What is required: All that is wanted is a word-for-word copy of the data from its first line to the line containing "p5 = place(p4, frame((4.55, 0.0, 0.3)))", both included.

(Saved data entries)
* * * *
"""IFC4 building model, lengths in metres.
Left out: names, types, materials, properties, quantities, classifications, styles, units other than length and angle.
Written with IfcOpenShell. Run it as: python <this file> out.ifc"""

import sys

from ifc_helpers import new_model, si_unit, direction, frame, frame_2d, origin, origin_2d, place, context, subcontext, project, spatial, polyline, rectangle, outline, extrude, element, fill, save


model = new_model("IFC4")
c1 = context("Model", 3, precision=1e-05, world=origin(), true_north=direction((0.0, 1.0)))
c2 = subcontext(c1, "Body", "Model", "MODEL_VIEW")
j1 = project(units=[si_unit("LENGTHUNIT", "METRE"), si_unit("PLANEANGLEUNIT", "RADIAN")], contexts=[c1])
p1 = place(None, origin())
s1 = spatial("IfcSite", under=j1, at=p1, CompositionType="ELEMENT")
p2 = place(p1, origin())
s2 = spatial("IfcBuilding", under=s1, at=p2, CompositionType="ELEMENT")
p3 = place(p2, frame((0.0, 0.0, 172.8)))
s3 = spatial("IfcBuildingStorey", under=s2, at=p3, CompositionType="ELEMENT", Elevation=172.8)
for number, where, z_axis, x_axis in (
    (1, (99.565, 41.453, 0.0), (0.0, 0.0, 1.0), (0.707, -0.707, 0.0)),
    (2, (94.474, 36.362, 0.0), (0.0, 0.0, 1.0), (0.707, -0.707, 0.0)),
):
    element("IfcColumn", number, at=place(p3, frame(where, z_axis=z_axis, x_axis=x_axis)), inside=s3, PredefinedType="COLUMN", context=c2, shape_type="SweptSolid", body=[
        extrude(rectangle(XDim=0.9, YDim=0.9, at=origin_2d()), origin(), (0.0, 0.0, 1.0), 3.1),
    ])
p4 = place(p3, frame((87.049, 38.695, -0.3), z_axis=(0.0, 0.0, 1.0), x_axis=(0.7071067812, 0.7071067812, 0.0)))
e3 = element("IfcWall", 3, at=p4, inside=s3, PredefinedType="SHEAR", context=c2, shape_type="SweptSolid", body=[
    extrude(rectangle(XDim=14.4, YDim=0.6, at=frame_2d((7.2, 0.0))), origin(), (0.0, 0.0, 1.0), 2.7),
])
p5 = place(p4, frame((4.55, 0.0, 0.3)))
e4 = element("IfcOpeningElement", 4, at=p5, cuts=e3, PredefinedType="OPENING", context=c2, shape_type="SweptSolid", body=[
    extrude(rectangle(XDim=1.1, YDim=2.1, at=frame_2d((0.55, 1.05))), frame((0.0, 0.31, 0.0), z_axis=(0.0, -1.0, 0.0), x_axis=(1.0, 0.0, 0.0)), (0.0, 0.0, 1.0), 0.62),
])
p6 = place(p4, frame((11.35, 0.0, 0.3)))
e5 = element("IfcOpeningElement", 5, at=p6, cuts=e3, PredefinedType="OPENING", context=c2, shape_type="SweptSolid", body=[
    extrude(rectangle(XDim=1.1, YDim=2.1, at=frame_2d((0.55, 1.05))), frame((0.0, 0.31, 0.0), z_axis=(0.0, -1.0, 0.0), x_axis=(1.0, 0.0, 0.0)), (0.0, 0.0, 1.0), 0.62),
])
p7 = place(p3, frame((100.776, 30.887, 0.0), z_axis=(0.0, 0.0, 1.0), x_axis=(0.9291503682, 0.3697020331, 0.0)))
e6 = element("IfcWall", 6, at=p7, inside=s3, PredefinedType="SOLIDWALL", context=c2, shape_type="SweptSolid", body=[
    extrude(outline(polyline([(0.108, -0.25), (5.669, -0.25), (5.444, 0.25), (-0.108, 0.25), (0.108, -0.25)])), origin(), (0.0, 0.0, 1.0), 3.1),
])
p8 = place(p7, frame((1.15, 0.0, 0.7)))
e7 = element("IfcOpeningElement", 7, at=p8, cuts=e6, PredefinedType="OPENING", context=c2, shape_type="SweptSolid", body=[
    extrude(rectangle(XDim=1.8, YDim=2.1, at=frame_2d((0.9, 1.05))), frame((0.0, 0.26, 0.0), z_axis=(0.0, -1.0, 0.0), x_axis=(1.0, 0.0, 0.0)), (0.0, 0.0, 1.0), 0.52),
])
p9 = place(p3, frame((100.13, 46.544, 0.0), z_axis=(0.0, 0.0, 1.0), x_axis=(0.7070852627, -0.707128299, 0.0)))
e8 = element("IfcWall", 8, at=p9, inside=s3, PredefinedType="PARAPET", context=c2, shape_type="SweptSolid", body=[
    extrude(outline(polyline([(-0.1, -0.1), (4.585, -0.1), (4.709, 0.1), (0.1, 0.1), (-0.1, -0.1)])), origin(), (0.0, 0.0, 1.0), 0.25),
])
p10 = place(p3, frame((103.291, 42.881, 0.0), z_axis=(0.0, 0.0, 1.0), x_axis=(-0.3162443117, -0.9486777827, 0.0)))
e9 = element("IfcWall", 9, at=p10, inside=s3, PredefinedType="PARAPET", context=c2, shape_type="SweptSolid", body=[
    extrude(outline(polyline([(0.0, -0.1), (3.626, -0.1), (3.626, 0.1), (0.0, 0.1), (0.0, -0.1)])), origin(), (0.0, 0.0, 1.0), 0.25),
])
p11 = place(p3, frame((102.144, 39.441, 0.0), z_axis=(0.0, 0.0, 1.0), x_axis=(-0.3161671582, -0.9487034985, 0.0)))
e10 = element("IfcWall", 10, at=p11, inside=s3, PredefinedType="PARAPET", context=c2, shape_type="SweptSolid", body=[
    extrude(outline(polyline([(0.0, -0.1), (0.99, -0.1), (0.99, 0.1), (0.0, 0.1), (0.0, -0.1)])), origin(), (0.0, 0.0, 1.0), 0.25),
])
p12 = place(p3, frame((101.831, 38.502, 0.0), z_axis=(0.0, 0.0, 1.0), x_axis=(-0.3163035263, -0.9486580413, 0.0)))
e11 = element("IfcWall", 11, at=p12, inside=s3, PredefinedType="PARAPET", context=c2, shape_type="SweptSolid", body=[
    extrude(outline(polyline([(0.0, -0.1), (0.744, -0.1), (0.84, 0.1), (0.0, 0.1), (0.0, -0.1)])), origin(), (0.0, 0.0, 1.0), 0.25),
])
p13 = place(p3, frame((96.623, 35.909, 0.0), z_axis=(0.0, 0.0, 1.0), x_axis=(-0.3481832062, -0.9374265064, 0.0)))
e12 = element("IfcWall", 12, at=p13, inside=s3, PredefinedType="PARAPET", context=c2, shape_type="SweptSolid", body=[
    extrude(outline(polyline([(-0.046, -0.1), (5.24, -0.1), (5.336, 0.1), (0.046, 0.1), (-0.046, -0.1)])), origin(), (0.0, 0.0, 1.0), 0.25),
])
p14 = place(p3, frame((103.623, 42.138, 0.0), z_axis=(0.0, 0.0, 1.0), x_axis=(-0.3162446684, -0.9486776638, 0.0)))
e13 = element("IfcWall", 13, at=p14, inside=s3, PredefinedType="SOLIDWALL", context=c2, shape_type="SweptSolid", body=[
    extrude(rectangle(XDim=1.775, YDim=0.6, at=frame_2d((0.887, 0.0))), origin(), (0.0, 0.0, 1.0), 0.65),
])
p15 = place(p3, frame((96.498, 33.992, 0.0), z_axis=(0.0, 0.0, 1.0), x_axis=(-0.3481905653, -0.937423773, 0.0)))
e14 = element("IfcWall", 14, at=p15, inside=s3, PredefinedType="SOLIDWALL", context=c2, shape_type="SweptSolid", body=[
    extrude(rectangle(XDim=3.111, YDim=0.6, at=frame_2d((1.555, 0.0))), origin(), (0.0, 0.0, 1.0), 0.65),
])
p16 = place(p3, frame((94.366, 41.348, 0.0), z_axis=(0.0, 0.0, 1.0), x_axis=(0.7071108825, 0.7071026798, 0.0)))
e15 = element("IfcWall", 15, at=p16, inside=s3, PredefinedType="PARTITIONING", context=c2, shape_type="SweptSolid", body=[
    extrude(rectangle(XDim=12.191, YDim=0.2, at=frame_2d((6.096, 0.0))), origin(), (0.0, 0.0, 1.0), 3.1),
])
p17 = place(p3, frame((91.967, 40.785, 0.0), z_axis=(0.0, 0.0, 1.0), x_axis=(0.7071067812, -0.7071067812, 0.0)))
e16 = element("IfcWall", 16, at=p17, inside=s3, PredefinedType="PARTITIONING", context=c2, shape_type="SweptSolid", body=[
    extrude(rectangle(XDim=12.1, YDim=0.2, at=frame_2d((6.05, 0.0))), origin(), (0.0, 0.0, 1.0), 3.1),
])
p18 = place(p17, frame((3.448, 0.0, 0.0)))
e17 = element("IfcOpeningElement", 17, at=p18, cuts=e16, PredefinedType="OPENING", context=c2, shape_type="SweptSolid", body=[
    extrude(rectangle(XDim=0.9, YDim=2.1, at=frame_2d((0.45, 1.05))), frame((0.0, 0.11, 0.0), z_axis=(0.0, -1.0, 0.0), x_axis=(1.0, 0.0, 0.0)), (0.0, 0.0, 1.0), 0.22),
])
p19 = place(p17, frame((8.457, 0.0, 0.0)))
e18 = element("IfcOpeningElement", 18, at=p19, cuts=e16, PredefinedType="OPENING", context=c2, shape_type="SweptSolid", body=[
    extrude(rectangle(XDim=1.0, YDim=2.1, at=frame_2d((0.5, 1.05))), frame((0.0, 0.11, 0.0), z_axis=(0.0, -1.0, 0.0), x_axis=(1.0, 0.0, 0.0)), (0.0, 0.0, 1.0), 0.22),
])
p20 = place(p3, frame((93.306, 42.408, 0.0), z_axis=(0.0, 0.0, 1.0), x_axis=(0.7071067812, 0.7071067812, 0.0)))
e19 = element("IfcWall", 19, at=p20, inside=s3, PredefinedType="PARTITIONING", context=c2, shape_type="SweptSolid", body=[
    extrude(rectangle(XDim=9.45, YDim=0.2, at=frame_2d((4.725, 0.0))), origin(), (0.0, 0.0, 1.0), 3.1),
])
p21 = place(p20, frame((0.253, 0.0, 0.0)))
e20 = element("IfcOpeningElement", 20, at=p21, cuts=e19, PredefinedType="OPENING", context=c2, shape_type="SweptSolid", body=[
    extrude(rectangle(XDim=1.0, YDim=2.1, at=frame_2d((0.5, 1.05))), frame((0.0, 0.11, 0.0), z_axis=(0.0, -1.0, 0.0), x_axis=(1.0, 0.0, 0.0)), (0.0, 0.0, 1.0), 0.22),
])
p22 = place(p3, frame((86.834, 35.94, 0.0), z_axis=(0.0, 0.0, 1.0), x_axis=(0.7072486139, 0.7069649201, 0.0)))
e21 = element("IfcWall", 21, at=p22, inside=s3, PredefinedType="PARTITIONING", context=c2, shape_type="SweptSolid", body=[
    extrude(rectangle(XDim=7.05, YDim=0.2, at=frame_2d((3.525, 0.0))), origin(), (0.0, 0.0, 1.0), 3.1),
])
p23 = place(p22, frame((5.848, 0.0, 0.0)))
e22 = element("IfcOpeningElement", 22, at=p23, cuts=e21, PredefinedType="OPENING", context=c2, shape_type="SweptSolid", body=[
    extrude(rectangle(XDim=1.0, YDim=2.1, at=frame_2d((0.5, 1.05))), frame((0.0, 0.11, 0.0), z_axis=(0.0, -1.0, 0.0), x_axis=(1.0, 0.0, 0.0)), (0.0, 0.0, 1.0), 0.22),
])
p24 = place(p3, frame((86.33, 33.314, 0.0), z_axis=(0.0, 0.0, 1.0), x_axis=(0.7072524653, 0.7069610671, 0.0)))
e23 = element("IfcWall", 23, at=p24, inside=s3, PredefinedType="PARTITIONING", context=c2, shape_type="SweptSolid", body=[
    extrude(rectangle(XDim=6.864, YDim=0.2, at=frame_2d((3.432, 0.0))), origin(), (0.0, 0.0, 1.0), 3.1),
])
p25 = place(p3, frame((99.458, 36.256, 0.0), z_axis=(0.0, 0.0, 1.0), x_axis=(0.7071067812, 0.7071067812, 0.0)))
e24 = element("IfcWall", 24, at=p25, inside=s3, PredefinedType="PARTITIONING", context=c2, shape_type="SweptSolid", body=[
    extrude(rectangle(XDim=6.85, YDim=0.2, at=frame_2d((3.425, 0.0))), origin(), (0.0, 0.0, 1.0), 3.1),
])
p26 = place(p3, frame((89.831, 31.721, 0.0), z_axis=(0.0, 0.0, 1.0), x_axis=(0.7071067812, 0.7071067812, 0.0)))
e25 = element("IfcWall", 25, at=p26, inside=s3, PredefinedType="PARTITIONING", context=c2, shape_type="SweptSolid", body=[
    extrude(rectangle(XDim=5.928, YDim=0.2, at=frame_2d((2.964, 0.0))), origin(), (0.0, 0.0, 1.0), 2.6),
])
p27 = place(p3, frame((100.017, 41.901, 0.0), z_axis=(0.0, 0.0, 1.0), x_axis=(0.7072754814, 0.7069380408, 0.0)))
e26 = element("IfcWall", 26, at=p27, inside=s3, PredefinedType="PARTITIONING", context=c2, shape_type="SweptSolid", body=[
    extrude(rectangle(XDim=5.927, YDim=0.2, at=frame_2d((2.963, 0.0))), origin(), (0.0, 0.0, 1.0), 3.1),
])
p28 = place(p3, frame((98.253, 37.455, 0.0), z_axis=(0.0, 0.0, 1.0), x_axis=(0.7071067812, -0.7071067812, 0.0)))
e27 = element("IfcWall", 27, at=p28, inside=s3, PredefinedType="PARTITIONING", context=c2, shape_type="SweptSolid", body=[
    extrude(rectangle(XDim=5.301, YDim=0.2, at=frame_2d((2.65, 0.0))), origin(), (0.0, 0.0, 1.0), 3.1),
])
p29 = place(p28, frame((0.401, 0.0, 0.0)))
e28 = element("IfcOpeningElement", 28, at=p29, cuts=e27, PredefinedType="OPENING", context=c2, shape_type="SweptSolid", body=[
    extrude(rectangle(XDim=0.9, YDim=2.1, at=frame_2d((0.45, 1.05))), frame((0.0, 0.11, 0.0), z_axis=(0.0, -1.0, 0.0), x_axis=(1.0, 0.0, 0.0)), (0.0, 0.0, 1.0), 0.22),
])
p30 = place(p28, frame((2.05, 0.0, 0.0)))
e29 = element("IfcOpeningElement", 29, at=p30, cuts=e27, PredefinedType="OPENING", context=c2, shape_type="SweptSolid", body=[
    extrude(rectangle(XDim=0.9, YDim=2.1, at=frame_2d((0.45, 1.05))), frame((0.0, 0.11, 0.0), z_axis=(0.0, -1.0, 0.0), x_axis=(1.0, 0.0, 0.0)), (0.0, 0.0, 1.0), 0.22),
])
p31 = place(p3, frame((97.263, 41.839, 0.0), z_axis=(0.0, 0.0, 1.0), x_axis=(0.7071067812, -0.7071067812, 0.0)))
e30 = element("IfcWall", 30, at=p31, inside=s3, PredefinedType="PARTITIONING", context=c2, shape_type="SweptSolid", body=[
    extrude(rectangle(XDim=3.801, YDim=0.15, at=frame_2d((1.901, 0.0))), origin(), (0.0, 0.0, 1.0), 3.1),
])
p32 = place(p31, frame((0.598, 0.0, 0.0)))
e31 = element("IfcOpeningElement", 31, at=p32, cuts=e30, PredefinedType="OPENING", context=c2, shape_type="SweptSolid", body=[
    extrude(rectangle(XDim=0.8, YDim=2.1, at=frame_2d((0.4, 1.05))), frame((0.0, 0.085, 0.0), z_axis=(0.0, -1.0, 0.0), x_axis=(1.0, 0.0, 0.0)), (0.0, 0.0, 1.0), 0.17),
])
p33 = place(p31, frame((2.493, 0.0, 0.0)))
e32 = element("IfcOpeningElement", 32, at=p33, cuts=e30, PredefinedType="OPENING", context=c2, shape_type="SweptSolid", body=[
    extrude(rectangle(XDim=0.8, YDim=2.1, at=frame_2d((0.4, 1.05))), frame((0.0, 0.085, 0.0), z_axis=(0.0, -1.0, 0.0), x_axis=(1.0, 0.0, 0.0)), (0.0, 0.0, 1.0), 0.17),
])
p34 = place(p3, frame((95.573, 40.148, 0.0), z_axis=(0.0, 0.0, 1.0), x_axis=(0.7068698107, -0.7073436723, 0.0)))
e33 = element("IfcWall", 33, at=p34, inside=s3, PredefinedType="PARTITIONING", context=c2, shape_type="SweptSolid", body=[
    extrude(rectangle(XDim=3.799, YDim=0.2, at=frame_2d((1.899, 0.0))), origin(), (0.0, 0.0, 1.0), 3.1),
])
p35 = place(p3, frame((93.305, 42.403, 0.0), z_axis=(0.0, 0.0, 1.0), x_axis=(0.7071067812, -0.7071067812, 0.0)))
* * * *
Output of the exercise:
"""IFC4 building model, lengths in metres.
Left out: names, types, materials, properties, quantities, classifications, styles, units other than length and angle.
Written with IfcOpenShell. Run it as: python <this file> out.ifc"""

import sys

from ifc_helpers import new_model, si_unit, direction, frame, frame_2d, origin, origin_2d, place, context, subcontext, project, spatial, polyline, rectangle, outline, extrude, element, fill, save


model = new_model("IFC4")
c1 = context("Model", 3, precision=1e-05, world=origin(), true_north=direction((0.0, 1.0)))
c2 = subcontext(c1, "Body", "Model", "MODEL_VIEW")
j1 = project(units=[si_unit("LENGTHUNIT", "METRE"), si_unit("PLANEANGLEUNIT", "RADIAN")], contexts=[c1])
p1 = place(None, origin())
s1 = spatial("IfcSite", under=j1, at=p1, CompositionType="ELEMENT")
p2 = place(p1, origin())
s2 = spatial("IfcBuilding", under=s1, at=p2, CompositionType="ELEMENT")
p3 = place(p2, frame((0.0, 0.0, 172.8)))
s3 = spatial("IfcBuildingStorey", under=s2, at=p3, CompositionType="ELEMENT", Elevation=172.8)
for number, where, z_axis, x_axis in (
    (1, (99.565, 41.453, 0.0), (0.0, 0.0, 1.0), (0.707, -0.707, 0.0)),
    (2, (94.474, 36.362, 0.0), (0.0, 0.0, 1.0), (0.707, -0.707, 0.0)),
):
    element("IfcColumn", number, at=place(p3, frame(where, z_axis=z_axis, x_axis=x_axis)), inside=s3, PredefinedType="COLUMN", context=c2, shape_type="SweptSolid", body=[
        extrude(rectangle(XDim=0.9, YDim=0.9, at=origin_2d()), origin(), (0.0, 0.0, 1.0), 3.1),
    ])
p4 = place(p3, frame((87.049, 38.695, -0.3), z_axis=(0.0, 0.0, 1.0), x_axis=(0.7071067812, 0.7071067812, 0.0)))
e3 = element("IfcWall", 3, at=p4, inside=s3, PredefinedType="SHEAR", context=c2, shape_type="SweptSolid", body=[
    extrude(rectangle(XDim=14.4, YDim=0.6, at=frame_2d((7.2, 0.0))), origin(), (0.0, 0.0, 1.0), 2.7),
])
p5 = place(p4, frame((4.55, 0.0, 0.3)))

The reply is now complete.